PROBLEM TO WORK ON >> Go through the entries below, tally each line that has the word "outline", and give only the total.

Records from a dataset

##############################

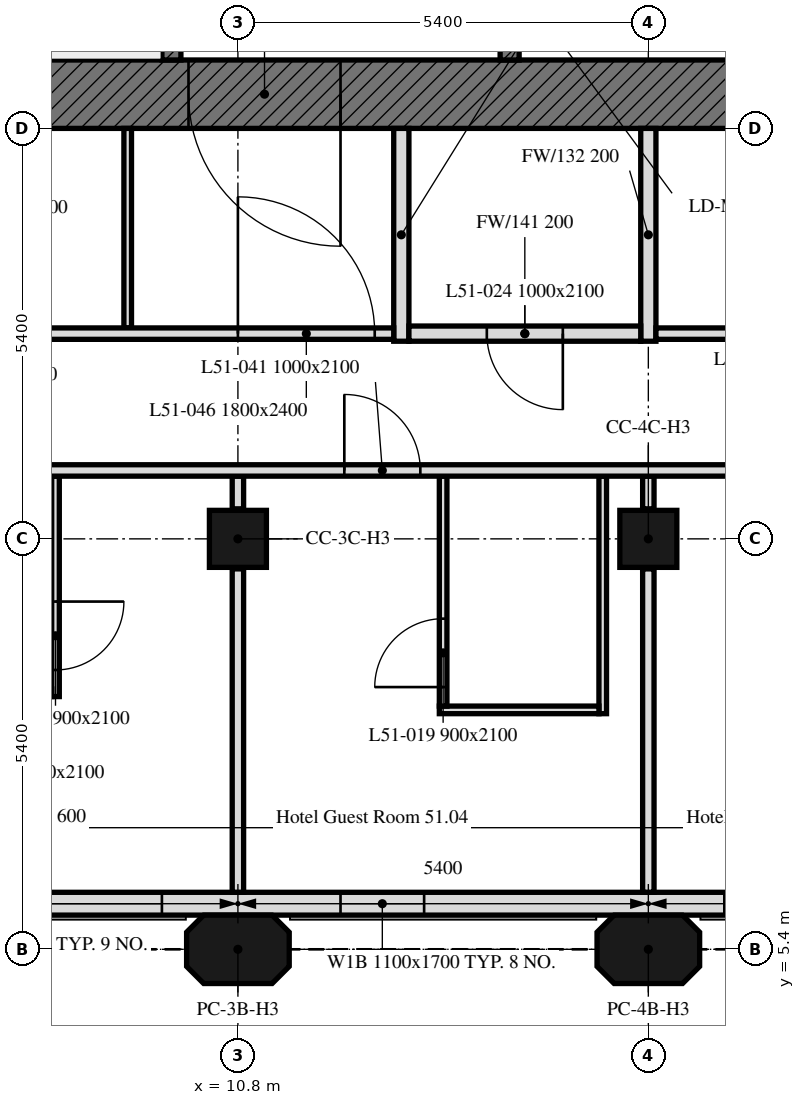
"""IFC4 building model, lengths in metres.
Left out: names, types, materials, properties, quantities, classifications, styles, units other than length and angle.
Written with IfcOpenShell. Run it as: python <this file> out.ifc"""

import sys

from ifc_helpers import new_model, si_unit, direction, frame, frame_2d, origin, origin_2d, place, context, subcontext, project, spatial, polyline, rectangle, outline, extrude, element, fill, save


model = new_model("IFC4")
c1 = context("Model", 3, precision=1e-05, world=origin(), true_north=direction((0.0, 1.0)))
c2 = subcontext(c1, "Body", "Model", "MODEL_VIEW")
j1 = project(units=[si_unit("LENGTHUNIT", "METRE"), si_unit("PLANEANGLEUNIT", "RADIAN")], contexts=[c1])
p1 = place(None, origin())
s1 = spatial("IfcSite", under=j1, at=p1, CompositionType="ELEMENT")
p2 = place(p1, origin())
s2 = spatial("IfcBuilding", under=s1, at=p2, CompositionType="ELEMENT")
p3 = place(p2, frame((0.0, 0.0, 207.1)))
s3 = spatial("IfcBuildingStorey", under=s2, at=p3, CompositionType="ELEMENT", Elevation=207.1)
for number, where, z_axis, x_axis in (
    (1, (10.8, 5.4, 0.0), (0.0, 0.0, 1.0), (1.0, 0.0, 0.0)),
    (2, (16.2, 5.4, 0.0), (0.0, 0.0, 1.0), (1.0, 0.0, 0.0)),
):
    element("IfcColumn", number, at=place(p3, frame(where, z_axis=z_axis, x_axis=x_axis)), inside=s3, PredefinedType="COLUMN", context=c2, shape_type="SweptSolid", body=[
        extrude(outline(polyline([(-0.45, -0.45), (0.45, -0.45), (0.675, -0.225), (0.675, 0.225), (0.45, 0.45), (-0.45, 0.45), (-0.675, 0.225), (-0.675, -0.225), (-0.45, -0.45)])), origin(), (0.0, 0.0, 1.0), 3.0),
    ])
for number, where, z_axis, x_axis in (
    (3, (10.8, 10.8, 0.0), (0.0, 0.0, 1.0), (1.0, 0.0, 0.0)),
    (4, (16.2, 10.8, 0.0), (0.0, 0.0, 1.0), (1.0, 0.0, 0.0)),
):
    element("IfcColumn", number, at=place(p3, frame(where, z_axis=z_axis, x_axis=x_axis)), inside=s3, PredefinedType="COLUMN", context=c2, shape_type="SweptSolid", body=[
        extrude(rectangle(XDim=0.75, YDim=0.75, at=origin_2d()), origin(), (0.0, 0.0, 1.0), 3.0),
    ])
p4 = place(p3, frame((5.586, 6.0, 0.0), z_axis=(0.0, 0.0, 1.0), x_axis=(1.0, 0.0, 0.0)))
e5 = element("IfcWall", 5, at=p4, inside=s3, PredefinedType="SOLIDWALL", context=c2, shape_type="SweptSolid", body=[
    extrude(rectangle(XDim=32.027, YDim=0.3, at=frame_2d((16.014, 0.0))), origin(), (0.0, 0.0, 1.0), 3.0),
])
p5 = place(p4, frame((0.814, 0.0, 0.9)))
e6 = element("IfcOpeningElement", 6, at=p5, cuts=e5, PredefinedType="OPENING", context=c2, shape_type="SweptSolid", body=[
    extrude(rectangle(XDim=3.4, YDim=1.7, at=frame_2d((1.7, 0.85))), frame((0.0, 0.16, 0.0), z_axis=(0.0, -1.0, 0.0), x_axis=(1.0, 0.0, 0.0)), (0.0, 0.0, 1.0), 0.32),
])
p6 = place(p4, frame((6.564, 0.0, 0.9)))
e7 = element("IfcOpeningElement", 7, at=p6, cuts=e5, PredefinedType="OPENING", context=c2, shape_type="SweptSolid", body=[
    extrude(rectangle(XDim=1.1, YDim=1.7, at=frame_2d((0.55, 0.85))), frame((0.0, 0.16, 0.0), z_axis=(0.0, -1.0, 0.0), x_axis=(1.0, 0.0, 0.0)), (0.0, 0.0, 1.0), 0.32),
])
p7 = place(p4, frame((11.614, 0.0, 0.9)))
e8 = element("IfcOpeningElement", 8, at=p7, cuts=e5, PredefinedType="OPENING", context=c2, shape_type="SweptSolid", body=[
    extrude(rectangle(XDim=3.4, YDim=1.7, at=frame_2d((1.7, 0.85))), frame((0.0, 0.16, 0.0), z_axis=(0.0, -1.0, 0.0), x_axis=(1.0, 0.0, 0.0)), (0.0, 0.0, 1.0), 0.32),
])
p8 = place(p4, frame((17.364, 0.0, 0.9)))
e9 = element("IfcOpeningElement", 9, at=p8, cuts=e5, PredefinedType="OPENING", context=c2, shape_type="SweptSolid", body=[
    extrude(rectangle(XDim=1.1, YDim=1.7, at=frame_2d((0.55, 0.85))), frame((0.0, 0.16, 0.0), z_axis=(0.0, -1.0, 0.0), x_axis=(1.0, 0.0, 0.0)), (0.0, 0.0, 1.0), 0.32),
])
p9 = place(p4, frame((22.414, 0.0, 0.9)))
e10 = element("IfcOpeningElement", 10, at=p9, cuts=e5, PredefinedType="OPENING", context=c2, shape_type="SweptSolid", body=[
    extrude(rectangle(XDim=3.4, YDim=1.7, at=frame_2d((1.7, 0.85))), frame((0.0, 0.16, 0.0), z_axis=(0.0, -1.0, 0.0), x_axis=(1.0, 0.0, 0.0)), (0.0, 0.0, 1.0), 0.32),
])
p10 = place(p4, frame((28.164, 0.0, 0.9)))
e11 = element("IfcOpeningElement", 11, at=p10, cuts=e5, PredefinedType="OPENING", context=c2, shape_type="SweptSolid", body=[
    extrude(rectangle(XDim=1.1, YDim=1.7, at=frame_2d((0.55, 0.85))), frame((0.0, 0.16, 0.0), z_axis=(0.0, -1.0, 0.0), x_axis=(1.0, 0.0, 0.0)), (0.0, 0.0, 1.0), 0.32),
])
p11 = place(p3, frame((17.7, 16.65, 0.0), z_axis=(0.0, 0.0, 1.0), x_axis=(-1.0, 0.0, 0.0)))
e12 = element("IfcWall", 12, at=p11, inside=s3, PredefinedType="SOLIDWALL", context=c2, shape_type="SweptSolid", body=[
    extrude(rectangle(XDim=11.1, YDim=0.9, at=frame_2d((5.55, 0.0))), origin(), (0.0, 0.0, 1.0), 3.0),
])
p12 = place(p11, frame((5.55, 0.0, 0.0)))
e13 = element("IfcOpeningElement", 13, at=p12, cuts=e12, PredefinedType="OPENING", context=c2, shape_type="SweptSolid", body=[
    extrude(rectangle(XDim=2.0, YDim=2.4, at=frame_2d((1.0, 1.2))), frame((0.0, 0.45, 0.0), z_axis=(0.0, -1.0, 0.0), x_axis=(1.0, 0.0, 0.0)), (0.0, 0.0, 1.0), 0.9),
])
p13 = place(p3, frame((9.925, 17.1, 0.0), z_axis=(0.0, 0.0, 1.0), x_axis=(0.0, 1.0, 0.0)))
e14 = element("IfcWall", 14, at=p13, inside=s3, PredefinedType="SOLIDWALL", context=c2, shape_type="SweptSolid", body=[
    extrude(rectangle(XDim=14.4, YDim=0.25, at=frame_2d((7.2, 0.0))), origin(), (0.0, 0.0, 1.0), 3.0),
])
p14 = place(p13, frame((4.6, 0.0, 0.0)))
e15 = element("IfcOpeningElement", 15, at=p14, cuts=e14, PredefinedType="OPENING", context=c2, shape_type="SweptSolid", body=[
    extrude(rectangle(XDim=1.0, YDim=2.1, at=frame_2d((0.5, 1.05))), frame((0.0, 0.125, 0.0), z_axis=(0.0, -1.0, 0.0), x_axis=(1.0, 0.0, 0.0)), (0.0, 0.0, 1.0), 0.25),
])
p15 = place(p13, frame((7.062, 0.0, 0.0)))
e16 = element("IfcOpeningElement", 16, at=p15, cuts=e14, PredefinedType="OPENING", context=c2, shape_type="SweptSolid", body=[
    extrude(rectangle(XDim=1.2, YDim=2.1, at=frame_2d((0.6, 1.05))), frame((0.0, 0.125, 0.0), z_axis=(0.0, -1.0, 0.0), x_axis=(1.0, 0.0, 0.0)), (0.0, 0.0, 1.0), 0.25),
])
p16 = place(p13, frame((9.979, 0.0, 0.0)))
e17 = element("IfcOpeningElement", 17, at=p16, cuts=e14, PredefinedType="OPENING", context=c2, shape_type="SweptSolid", body=[
    extrude(rectangle(XDim=0.9, YDim=2.1, at=frame_2d((0.45, 1.05))), frame((0.0, 0.125, 0.0), z_axis=(0.0, -1.0, 0.0), x_axis=(1.0, 0.0, 0.0)), (0.0, 0.0, 1.0), 0.25),
])
p17 = place(p13, frame((11.92, 0.0, 0.0)))
e18 = element("IfcOpeningElement", 18, at=p17, cuts=e14, PredefinedType="OPENING", context=c2, shape_type="SweptSolid", body=[
    extrude(rectangle(XDim=0.9, YDim=2.1, at=frame_2d((0.45, 1.05))), frame((0.0, 0.125, 0.0), z_axis=(0.0, -1.0, 0.0), x_axis=(1.0, 0.0, 0.0)), (0.0, 0.0, 1.0), 0.25),
])
p18 = place(p13, frame((13.354, 0.0, 0.0)))
e19 = element("IfcOpeningElement", 19, at=p18, cuts=e14, PredefinedType="OPENING", context=c2, shape_type="SweptSolid", body=[
    extrude(rectangle(XDim=0.9, YDim=2.1, at=frame_2d((0.45, 1.05))), frame((0.0, 0.125, 0.0), z_axis=(0.0, -1.0, 0.0), x_axis=(1.0, 0.0, 0.0)), (0.0, 0.0, 1.0), 0.25),
])
p19 = place(p3, frame((14.375, 17.1, 0.0), z_axis=(0.0, 0.0, 1.0), x_axis=(0.0, 1.0, 0.0)))
e20 = element("IfcWall", 20, at=p19, inside=s3, PredefinedType="SOLIDWALL", context=c2, shape_type="SweptSolid", body=[
    extrude(rectangle(XDim=14.4, YDim=0.25, at=frame_2d((7.2, 0.0))), origin(), (0.0, 0.0, 1.0), 3.0),
])
p20 = place(p19, frame((13.15, 0.0, 0.0)))
e21 = element("IfcOpeningElement", 21, at=p20, cuts=e20, PredefinedType="OPENING", context=c2, shape_type="SweptSolid", body=[
    extrude(rectangle(XDim=1.0, YDim=2.1, at=frame_2d((0.5, 1.05))), frame((0.0, 0.125, 0.0), z_axis=(0.0, -1.0, 0.0), x_axis=(1.0, 0.0, 0.0)), (0.0, 0.0, 1.0), 0.25),
])
p21 = place(p19, frame((0.6, 0.0, 0.0)))
e22 = element("IfcOpeningElement", 22, at=p21, cuts=e20, PredefinedType="OPENING", context=c2, shape_type="SweptSolid", body=[
    extrude(rectangle(XDim=1.1, YDim=2.1, at=frame_2d((0.55, 1.05))), frame((0.0, 0.125, 0.0), z_axis=(0.0, -1.0, 0.0), x_axis=(1.0, 0.0, 0.0)), (0.0, 0.0, 1.0), 0.25),
])
p22 = place(p19, frame((3.25, 0.0, 0.0)))
e23 = element("IfcOpeningElement", 23, at=p22, cuts=e20, PredefinedType="OPENING", context=c2, shape_type="SweptSolid", body=[
    extrude(rectangle(XDim=0.9, YDim=2.1, at=frame_2d((0.45, 1.05))), frame((0.0, 0.125, 0.0), z_axis=(0.0, -1.0, 0.0), x_axis=(1.0, 0.0, 0.0)), (0.0, 0.0, 1.0), 0.25),
])
p23 = place(p3, frame((16.2, 11.625, 0.0), z_axis=(0.0, 0.0, 1.0), x_axis=(0.0, -1.0, 0.0)))
e24 = element("IfcWall", 24, at=p23, inside=s3, PredefinedType="PARTITIONING", context=c2, shape_type="SweptSolid", body=[
    extrude(rectangle(XDim=0.43, YDim=0.15, at=frame_2d((0.215, 0.0))), origin(), (0.0, 0.0, 1.0), 3.0),
])
p24 = place(p3, frame((16.2, 10.405, 0.0), z_axis=(0.0, 0.0, 1.0), x_axis=(0.0, -1.0, 0.0)))
e25 = element("IfcWall", 25, at=p24, inside=s3, PredefinedType="PARTITIONING", context=c2, shape_type="SweptSolid", body=[
    extrude(rectangle(XDim=4.254, YDim=0.15, at=frame_2d((2.127, 0.0))), origin(), (0.0, 0.0, 1.0), 3.0),
])
p25 = place(p3, frame((15.6, 11.625, 0.0), z_axis=(0.0, 0.0, 1.0), x_axis=(0.0, -1.0, 0.0)))
e26 = element("IfcWall", 26, at=p25, inside=s3, PredefinedType="PARTITIONING", context=c2, shape_type="SweptSolid", body=[
    extrude(rectangle(XDim=3.125, YDim=0.1, at=frame_2d((1.562, 0.0))), origin(), (0.0, 0.0, 1.0), 3.0),
])
p26 = place(p3, frame((15.55, 8.55, 0.0), z_axis=(0.0, 0.0, 1.0), x_axis=(-1.0, 0.0, 0.0)))
e27 = element("IfcWall", 27, at=p26, inside=s3, PredefinedType="PARTITIONING", context=c2, shape_type="SweptSolid", body=[
    extrude(rectangle(XDim=2.1, YDim=0.1, at=frame_2d((1.05, 0.0))), origin(), (0.0, 0.0, 1.0), 3.0),
])
p27 = place(p3, frame((13.5, 8.6, 0.0), z_axis=(0.0, 0.0, 1.0), x_axis=(0.0, 1.0, 0.0)))
e28 = element("IfcWall", 28, at=p27, inside=s3, PredefinedType="PARTITIONING", context=c2, shape_type="SweptSolid", body=[
    extrude(rectangle(XDim=3.025, YDim=0.1, at=frame_2d((1.512, 0.0))), origin(), (0.0, 0.0, 1.0), 3.0),
])
p28 = place(p27, frame((0.25, 0.0, 0.0)))
e29 = element("IfcOpeningElement", 29, at=p28, cuts=e28, PredefinedType="OPENING", context=c2, shape_type="SweptSolid", body=[
    extrude(rectangle(XDim=0.9, YDim=2.1, at=frame_2d((0.45, 1.05))), frame((0.0, 0.05, 0.0), z_axis=(0.0, -1.0, 0.0), x_axis=(1.0, 0.0, 0.0)), (0.0, 0.0, 1.0), 0.1),
])
p29 = place(p3, frame((10.8, 11.625, 0.0), z_axis=(0.0, 0.0, 1.0), x_axis=(0.0, -1.0, 0.0)))
e30 = element("IfcWall", 30, at=p29, inside=s3, PredefinedType="PARTITIONING", context=c2, shape_type="SweptSolid", body=[
    extrude(rectangle(XDim=0.43, YDim=0.15, at=frame_2d((0.215, 0.0))), origin(), (0.0, 0.0, 1.0), 3.0),
])
p30 = place(p3, frame((10.8, 10.405, 0.0), z_axis=(0.0, 0.0, 1.0), x_axis=(0.0, -1.0, 0.0)))
e31 = element("IfcWall", 31, at=p30, inside=s3, PredefinedType="PARTITIONING", context=c2, shape_type="SweptSolid", body=[
    extrude(rectangle(XDim=4.254, YDim=0.15, at=frame_2d((2.127, 0.0))), origin(), (0.0, 0.0, 1.0), 3.0),
])
p31 = place(p3, frame((8.4, 11.625, 0.0), z_axis=(0.0, 0.0, 1.0), x_axis=(0.0, -1.0, 0.0)))
e32 = element("IfcWall", 32, at=p31, inside=s3, PredefinedType="PARTITIONING", context=c2, shape_type="SweptSolid", body=[
    extrude(rectangle(XDim=2.9, YDim=0.1, at=frame_2d((1.45, 0.0))), origin(), (0.0, 0.0, 1.0), 3.0),
])
p32 = place(p31, frame((1.65, 0.0, 0.0)))
e33 = element("IfcOpeningElement", 33, at=p32, cuts=e32, PredefinedType="OPENING", context=c2, shape_type="SweptSolid", body=[
    extrude(rectangle(XDim=0.9, YDim=2.1, at=frame_2d((0.45, 1.05))), frame((0.0, 0.05, 0.0), z_axis=(0.0, -1.0, 0.0), x_axis=(1.0, 0.0, 0.0)), (0.0, 0.0, 1.0), 0.1),
])
p33 = place(p3, frame((0.751, 11.7, 0.0), z_axis=(0.0, 0.0, 1.0), x_axis=(1.0, 0.0, 0.0)))
e34 = element("IfcWall", 34, at=p33, inside=s3, PredefinedType="PARTITIONING", context=c2, shape_type="SweptSolid", body=[
    extrude(rectangle(XDim=41.698, YDim=0.15, at=frame_2d((20.849, 0.0))), origin(), (0.0, 0.0, 1.0), 3.0),
])
p34 = place(p33, frame((27.649, 0.0, 0.0)))
e35 = element("IfcOpeningElement", 35, at=p34, cuts=e34, PredefinedType="OPENING", context=c2, shape_type="SweptSolid", body=[
    extrude(rectangle(XDim=1.0, YDim=2.1, at=frame_2d((0.5, 1.05))), frame((0.0, 0.075, 0.0), z_axis=(0.0, -1.0, 0.0), x_axis=(1.0, 0.0, 0.0)), (0.0, 0.0, 1.0), 0.15),
])
p35 = place(p33, frame((22.249, 0.0, 0.0)))
e36 = element("IfcOpeningElement", 36, at=p35, cuts=e34, PredefinedType="OPENING", context=c2, shape_type="SweptSolid", body=[
    extrude(rectangle(XDim=1.0, YDim=2.1, at=frame_2d((0.5, 1.05))), frame((0.0, 0.075, 0.0), z_axis=(0.0, -1.0, 0.0), x_axis=(1.0, 0.0, 0.0)), (0.0, 0.0, 1.0), 0.15),
])
p36 = place(p33, frame((16.849, 0.0, 0.0)))
e37 = element("IfcOpeningElement", 37, at=p36, cuts=e34, PredefinedType="OPENING", context=c2, shape_type="SweptSolid", body=[
    extrude(rectangle(XDim=1.0, YDim=2.1, at=frame_2d((0.5, 1.05))), frame((0.0, 0.075, 0.0), z_axis=(0.0, -1.0, 0.0), x_axis=(1.0, 0.0, 0.0)), (0.0, 0.0, 1.0), 0.15),
])
p37 = place(p33, frame((11.449, 0.0, 0.0)))
e38 = element("IfcOpeningElement", 38, at=p37, cuts=e34, PredefinedType="OPENING", context=c2, shape_type="SweptSolid", body=[
    extrude(rectangle(XDim=1.0, YDim=2.1, at=frame_2d((0.5, 1.05))), frame((0.0, 0.075, 0.0), z_axis=(0.0, -1.0, 0.0), x_axis=(1.0, 0.0, 0.0)), (0.0, 0.0, 1.0), 0.15),
])
p38 = place(p33, frame((2.744, 0.0, 0.0)))
e39 = element("IfcOpeningElement", 39, at=p38, cuts=e34, PredefinedType="OPENING", context=c2, shape_type="SweptSolid", body=[
    extrude(rectangle(XDim=1.0, YDim=2.1, at=frame_2d((0.5, 1.05))), frame((0.0, 0.075, 0.0), z_axis=(0.0, -1.0, 0.0), x_axis=(1.0, 0.0, 0.0)), (0.0, 0.0, 1.0), 0.15),
])
p39 = place(p33, frame((39.249, 0.0, 0.0)))
e40 = element("IfcOpeningElement", 40, at=p39, cuts=e34, PredefinedType="OPENING", context=c2, shape_type="SweptSolid", body=[
    extrude(rectangle(XDim=1.0, YDim=2.1, at=frame_2d((0.5, 1.05))), frame((0.0, 0.075, 0.0), z_axis=(0.0, -1.0, 0.0), x_axis=(1.0, 0.0, 0.0)), (0.0, 0.0, 1.0), 0.15),
])
p40 = place(p3, frame((16.2, 16.2, 0.0), z_axis=(0.0, 0.0, 1.0), x_axis=(0.0, -1.0, 0.0)))
e41 = element("IfcWall", 41, at=p40, inside=s3, PredefinedType="PARTITIONING", context=c2, shape_type="SweptSolid", body=[
    extrude(rectangle(XDim=2.8, YDim=0.2, at=frame_2d((1.4, 0.0))), origin(), (0.0, 0.0, 1.0), 3.0),
])
p41 = place(p3, frame((9.35, 16.2, 0.0), z_axis=(0.0, 0.0, 1.0), x_axis=(0.0, -1.0, 0.0)))
e42 = element("IfcWall", 42, at=p41, inside=s3, PredefinedType="PARTITIONING", context=c2, shape_type="SweptSolid", body=[
    extrude(rectangle(XDim=2.625, YDim=0.1, at=frame_2d((1.312, 0.0))), origin(), (0.0, 0.0, 1.0), 3.0),
])
p42 = place(p3, frame((12.95, 13.4, 0.0), z_axis=(0.0, 0.0, 1.0), x_axis=(0.0, 1.0, 0.0)))
e43 = element("IfcWall", 43, at=p42, inside=s3, PredefinedType="PARTITIONING", context=c2, shape_type="SweptSolid", body=[
    extrude(rectangle(XDim=2.8, YDim=0.2, at=frame_2d((1.4, 0.0))), origin(), (0.0, 0.0, 1.0), 3.0),
])
p43 = place(p3, frame((16.3, 13.5, 0.0), z_axis=(0.0, 0.0, 1.0), x_axis=(1.0, 0.0, 0.0)))
e44 = element("IfcWall", 44, at=p43, inside=s3, PredefinedType="PARTITIONING", context=c2, shape_type="SweptSolid", body=[
    extrude(rectangle(XDim=26.149, YDim=0.15, at=frame_2d((13.074, 0.0))), origin(), (0.0, 0.0, 1.0), 3.0),
])
p44 = place(p43, frame((7.5, 0.0, 0.0)))
e45 = element("IfcOpeningElement", 45, at=p44, cuts=e44, PredefinedType="OPENING", context=c2, shape_type="SweptSolid", body=[
    extrude(rectangle(XDim=1.0, YDim=2.1, at=frame_2d((0.5, 1.05))), frame((0.0, 0.075, 0.0), z_axis=(0.0, -1.0, 0.0), x_axis=(1.0, 0.0, 0.0)), (0.0, 0.0, 1.0), 0.15),
])
p45 = place(p43, frame((23.12, 0.0, 0.0)))
e46 = element("IfcOpeningElement", 46, at=p45, cuts=e44, PredefinedType="OPENING", context=c2, shape_type="SweptSolid", body=[
    extrude(rectangle(XDim=1.0, YDim=2.1, at=frame_2d((0.5, 1.05))), frame((0.0, 0.075, 0.0), z_axis=(0.0, -1.0, 0.0), x_axis=(1.0, 0.0, 0.0)), (0.0, 0.0, 1.0), 0.15),
])
p46 = place(p43, frame((17.225, 0.0, 0.0)))
e47 = element("IfcOpeningElement", 47, at=p46, cuts=e44, PredefinedType="OPENING", context=c2, shape_type="SweptSolid", body=[
    extrude(rectangle(XDim=1.0, YDim=2.1, at=frame_2d((0.5, 1.05))), frame((0.0, 0.075, 0.0), z_axis=(0.0, -1.0, 0.0), x_axis=(1.0, 0.0, 0.0)), (0.0, 0.0, 1.0), 0.15),
])
p47 = place(p43, frame((19.65, 0.0, 0.0)))
e48 = element("IfcOpeningElement", 48, at=p47, cuts=e44, PredefinedType="OPENING", context=c2, shape_type="SweptSolid", body=[
    extrude(rectangle(XDim=1.8, YDim=2.4, at=frame_2d((0.9, 1.2))), frame((0.0, 0.075, 0.0), z_axis=(0.0, -1.0, 0.0), x_axis=(1.0, 0.0, 0.0)), (0.0, 0.0, 1.0), 0.15),
])
p48 = place(p3, frame((16.1, 13.5, 0.0), z_axis=(0.0, 0.0, 1.0), x_axis=(-1.0, 0.0, 0.0)))
e49 = element("IfcWall", 49, at=p48, inside=s3, PredefinedType="PARTITIONING", context=c2, shape_type="SweptSolid", body=[
    extrude(rectangle(XDim=3.05, YDim=0.2, at=frame_2d((1.525, 0.0))), origin(), (0.0, 0.0, 1.0), 3.0),
])
p49 = place(p48, frame((1.025, 0.0, 0.0)))
e50 = element("IfcOpeningElement", 50, at=p49, cuts=e49, PredefinedType="OPENING", context=c2, shape_type="SweptSolid", body=[
    extrude(rectangle(XDim=1.0, YDim=2.1, at=frame_2d((0.5, 1.05))), frame((0.0, 0.1, 0.0), z_axis=(0.0, -1.0, 0.0), x_axis=(1.0, 0.0, 0.0)), (0.0, 0.0, 1.0), 0.2),
])
p50 = place(p3, frame((5.325, 13.5, 0.0), z_axis=(0.0, 0.0, 1.0), x_axis=(1.0, 0.0, 0.0)))
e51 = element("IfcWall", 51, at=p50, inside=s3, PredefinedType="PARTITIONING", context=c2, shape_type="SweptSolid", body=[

##############################

TASK ANSWER >> 2